=== Section Start ===
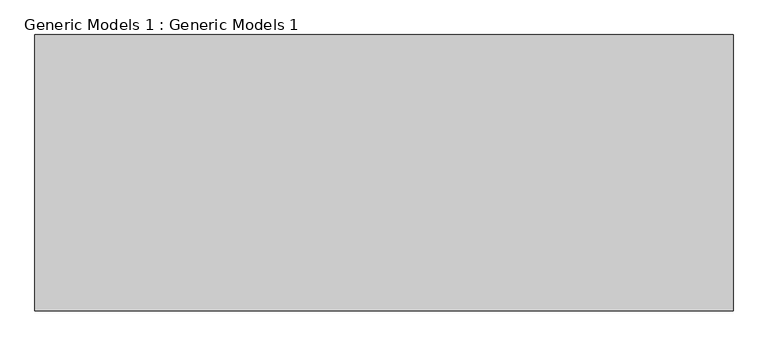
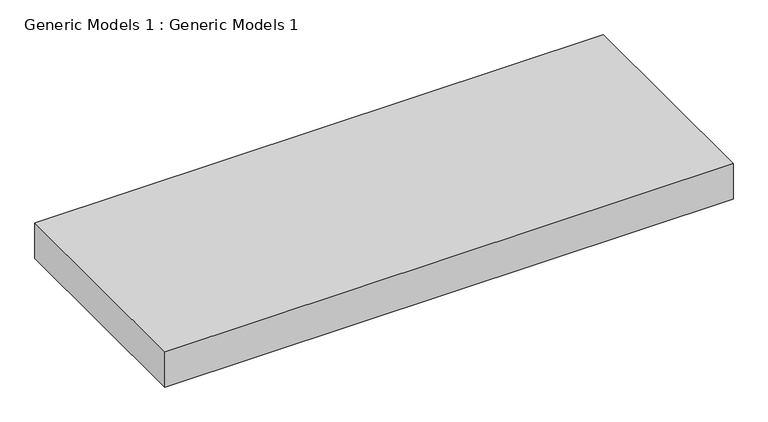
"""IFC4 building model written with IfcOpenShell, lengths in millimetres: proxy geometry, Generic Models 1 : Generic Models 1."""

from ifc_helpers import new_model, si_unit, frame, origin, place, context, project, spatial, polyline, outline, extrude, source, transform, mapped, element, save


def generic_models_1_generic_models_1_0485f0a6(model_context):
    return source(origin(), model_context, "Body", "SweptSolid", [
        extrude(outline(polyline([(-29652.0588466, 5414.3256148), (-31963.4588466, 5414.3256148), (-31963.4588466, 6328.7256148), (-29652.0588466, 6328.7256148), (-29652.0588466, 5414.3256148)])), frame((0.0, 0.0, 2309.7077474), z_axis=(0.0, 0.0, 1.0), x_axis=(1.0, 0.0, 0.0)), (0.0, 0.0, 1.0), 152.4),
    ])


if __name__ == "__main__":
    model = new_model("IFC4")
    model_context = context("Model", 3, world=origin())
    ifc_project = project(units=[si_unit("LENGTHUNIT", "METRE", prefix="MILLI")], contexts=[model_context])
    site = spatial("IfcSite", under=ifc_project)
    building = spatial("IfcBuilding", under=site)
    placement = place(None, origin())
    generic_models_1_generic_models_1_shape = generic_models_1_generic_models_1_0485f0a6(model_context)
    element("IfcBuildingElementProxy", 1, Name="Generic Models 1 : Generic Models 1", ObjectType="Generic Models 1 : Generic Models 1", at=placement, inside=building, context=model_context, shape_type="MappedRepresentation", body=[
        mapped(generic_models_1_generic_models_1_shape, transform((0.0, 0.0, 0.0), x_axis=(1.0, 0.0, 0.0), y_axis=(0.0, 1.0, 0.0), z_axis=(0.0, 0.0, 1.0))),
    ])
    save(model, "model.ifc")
=== Section End ===
● **What you will do**: Every line above should be transcribed exactly, though no image should be carried over.

● **Completed task**:
"""IFC4 building model written with IfcOpenShell, lengths in millimetres: proxy geometry, Generic Models 1 : Generic Models 1."""

from ifc_helpers import new_model, si_unit, frame, origin, place, context, project, spatial, polyline, outline, extrude, source, transform, mapped, element, save


def generic_models_1_generic_models_1_0485f0a6(model_context):
    return source(origin(), model_context, "Body", "SweptSolid", [
        extrude(outline(polyline([(-29652.0588466, 5414.3256148), (-31963.4588466, 5414.3256148), (-31963.4588466, 6328.7256148), (-29652.0588466, 6328.7256148), (-29652.0588466, 5414.3256148)])), frame((0.0, 0.0, 2309.7077474), z_axis=(0.0, 0.0, 1.0), x_axis=(1.0, 0.0, 0.0)), (0.0, 0.0, 1.0), 152.4),
    ])


if __name__ == "__main__":
    model = new_model("IFC4")
    model_context = context("Model", 3, world=origin())
    ifc_project = project(units=[si_unit("LENGTHUNIT", "METRE", prefix="MILLI")], contexts=[model_context])
    site = spatial("IfcSite", under=ifc_project)
    building = spatial("IfcBuilding", under=site)
    placement = place(None, origin())
    generic_models_1_generic_models_1_shape = generic_models_1_generic_models_1_0485f0a6(model_context)
    element("IfcBuildingElementProxy", 1, Name="Generic Models 1 : Generic Models 1", ObjectType="Generic Models 1 : Generic Models 1", at=placement, inside=building, context=model_context, shape_type="MappedRepresentation", body=[
        mapped(generic_models_1_generic_models_1_shape, transform((0.0, 0.0, 0.0), x_axis=(1.0, 0.0, 0.0), y_axis=(0.0, 1.0, 0.0), z_axis=(0.0, 0.0, 1.0))),
    ])
    save(model, "model.ifc")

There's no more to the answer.